* _DESCRIPTION OF THE TASK_:
Take from the listing each line that has the string "range".

↓

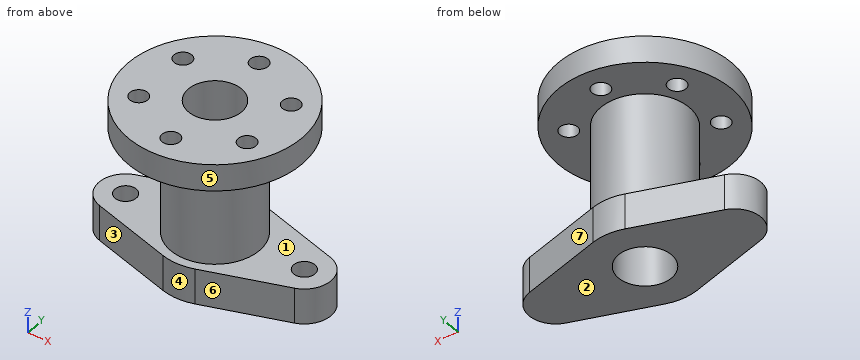
```python
from build123d import *

# Parameters (mm, degrees)
MOUNTING_PLATE_DEPTH              = 20
HUB_SKETCH_R                      = 25
HUB_50_DEPTH                      = 60
FLANGE_SKETCH_R                   = 49
FLANGE_98_DEPTH                   = 15
FLANGE_BOLT_HOLE_SKETCH_R         = 5
FLANGE_BOLT_HOLE_10_DEPTH         = 15
BORE_SKETCH_R                     = 15
BORE_CUT_DEPTH                    = 158.006369298
FLANGE_BOLT_HOLE_PATTERN_6X_COUNT = 6
PLATE_HOLES_SKETCH_R              = 6
PLATE_HOLES_2X_12_DEPTH           = 15


with BuildPart() as part:
    # Mounting Plate Sketch → Mounting Plate (new body)
    with BuildSketch(Plane.XY):
        with BuildLine():
            Line((-4.5, 14.309088021), (41, 28.618176043))
            ThreePointArc((41, 28.618176043), (50, 30), (59, 28.618176043))
            Line((59, 28.618176043), (104.5, 14.309088021))
            ThreePointArc((104.5, 14.309088021), (115, 0), (104.5, -14.309088021))
            Line((104.5, -14.309088021), (59, -28.618176043))
            ThreePointArc((59, -28.618176043), (50, -30), (41, -28.618176043))
            Line((41, -28.618176043), (-4.5, -14.309088021))
            ThreePointArc((-4.5, -14.309088021), (-15, 0), (-4.5, 14.309088021))
        make_face()
    extrude(amount=MOUNTING_PLATE_DEPTH)

    # Hub Sketch → Hub Ø50 (add)
    with BuildSketch(Plane.XY.offset(20)):
        with Locations((50, 0)):
            Circle(HUB_SKETCH_R)
    extrude(amount=HUB_50_DEPTH)

    # Flange Sketch → Flange Ø98 (add)
    with BuildSketch(Plane.XY.offset(80)):
        with Locations((50, 0)):
            Circle(FLANGE_SKETCH_R)
    extrude(amount=FLANGE_98_DEPTH)

    # Flange Bolt Hole Sketch → Flange Bolt Hole Ø10 (cut)
    with BuildSketch(Plane.XY.offset(95)):
        with Locations((50, 35)):
            Circle(FLANGE_BOLT_HOLE_SKETCH_R)
    flange_bolt_hole_10 = extrude(amount=-FLANGE_BOLT_HOLE_10_DEPTH, mode=Mode.SUBTRACT)

    # Bore Sketch → Bore Cut (cut, through all)
    with BuildSketch(Plane.XY.offset(95)):
        with Locations((50, 0)):
            Circle(BORE_SKETCH_R)
    extrude(amount=-BORE_CUT_DEPTH, mode=Mode.SUBTRACT)

    # Flange Bolt Hole Pattern 6x: Flange Bolt Hole Ø10 ×6 about axis
    flange_bolt_hole_pattern_6x_axis = Axis((50, 0, 0), (0, 0, 1))
    for i in range(1, FLANGE_BOLT_HOLE_PATTERN_6X_COUNT):
        add(flange_bolt_hole_10.rotate(flange_bolt_hole_pattern_6x_axis, i * 360 / FLANGE_BOLT_HOLE_PATTERN_6X_COUNT), mode=Mode.SUBTRACT)

    # Plate Holes Sketch → Plate Holes 2xØ12 (cut)
    with BuildSketch(Plane.XY.offset(20)):
        Circle(PLATE_HOLES_SKETCH_R)
        with Locations((100, 0)):
            Circle(PLATE_HOLES_SKETCH_R)
    extrude(amount=-PLATE_HOLES_2X_12_DEPTH, mode=Mode.SUBTRACT)


solid = part.part
```
Geometry check sheet. Reference: the model listing, model coordinates, mm. Face numbers are marked on the shaded views. A direction names the side the tool comes from. Coordinates: 2 decimals unless noted, no trailing zeros. Order: outer loops, then holes, each group sorted by start corner. A loop starts at its lowest first (then second) coordinate and runs counter-clockwise, first axis right, second up. Notation, with made-up numbers: (59, 38) - (94, 38) arc R34 ccw to (94, 69) - close; hole circle Ø5 at (59.5, -36). An arc over 180 degrees is marked (long way). Answer in a Markdown table with one row per item. Add a question column.
1. Section check B-B (y = 8). Enter the section's corners in (x, z).
2. Section check D-D (y = -17.5). Enter the section's corners in (x, z).
3. Material ranges on L1, parallel to Z at x = 48.5, y = -27; L2, parallel to X at y = -2.5, z = 25; L3, parallel to Z at x = 25, y = -30, recorded low to high. Write a range as [from, to].
4. Section check C-C (z = 56). Enter the section's corners in (x, y).
5. Access from +Z, -Z, +X, -X, +Y, -Y to the whole of each face (thin tool, end or side, straight path). Record for the marked faces 4, 5, 6 and 7.
6. Section check A-A (x = 50). Enter the section's corners in (y, z), plus the area to 3 significant figures.
7. Draft check along Z on the marked faces 1, 2 and 3. Enter one of: +Z half, -Z half, draft (parallel to the pull), parting line (faces both ways), or undercut.
8. Gauge pin test, flat ends, axial feed: pin 1 Ø5 at (x, z) = (67, 70) entering from -Y; pin 2 Ø2 at (x, z) = (68.5, 54) entering from +Y; pin 3 Ø6 at (y, z) = (34, 15) entering from +X; pin 4 Ø3.5 at (x, y) = (-1.5, -1.5) entering from +Z. Record the tip position at first contact, or that the pin passes through.
Data:
| question | item | result |
|---|---|---|
| 1 | outline | (-12.69, 0) - (37.31, 0) - (37.31, 95) - (1.66, 95) - (1.66, 80) - (26.31, 80) - (26.31, 20) - (-12.69, 20) - close; (62.69, 0) - (112.69, 0) - (112.69, 20) - (73.69, 20) - (73.69, 80) - (98.34, 80) - (98.34, 95) - (62.69, 95) - close |
| 2 | outline | (4.23, 80) - (14.69, 80) - (14.69, 95) - (4.23, 95) - close; (5.65, 0) - (94.35, 0) - (94.35, 20) - (67.85, 20) - (67.85, 80) - (75.31, 80) - (75.31, 95) - (24.69, 95) - (24.69, 80) - (32.15, 80) - (32.15, 20) - (5.65, 20) - close; (85.31, 80) - (95.77, 80) - (95.77, 95) - (85.31, 95) - close |
| 3 | L1 | z = [0, 20], [80, 95] |
| 3 | L2 | x = [25.13, 35.21], [64.79, 74.87] |
| 3 | L3 | z = [80, 95] |
| 4 | outline | circle Ø50 at (50, 0); hole circle Ø30 at (50, 0) |
| 5 | face 4 | -Z, -Y |
| 5 | face 5 | +Z |
| 5 | face 6 | -Z, +X, -Y |
| 5 | face 7 | -Z, +X, +Y |
| 6 | outline | (-49, 80) - (-40, 80) - (-40, 95) - (-49, 95) - close; (-30, 0) - (-15, 0) - (-15, 95) - (-30, 95) - (-30, 80) - (-25, 80) - (-25, 20) - (-30, 20) - close; (15, 0) - (30, 0) - (30, 20) - (25, 20) - (25, 80) - (30, 80) - (30, 95) - (15, 95) - close; (40, 80) - (49, 80) - (49, 95) - (40, 95) - close |
| 6 | area | 2,520 mm² |
| 7 | face 1 | undercut |
| 7 | face 2 | -Z half |
| 7 | face 3 | draft |
| 8 | pin 1 | stops at y = -20.37 |
| 8 | pin 2 | stops at y = 17.85 |
| 8 | pin 3 | passes through |
| 8 | pin 4 | stops at z = 5 |

↑

* _TASK RESULT_:
    for i in range(1, FLANGE_BOLT_HOLE_PATTERN_6X_COUNT):
3. Material ranges on L1, parallel to Z at x = 48.5, y = -27; L2, parallel to X at y = -2.5, z = 25; L3, parallel to Z at x = 25, y = -30, recorded low to high. Write a range as [from, to].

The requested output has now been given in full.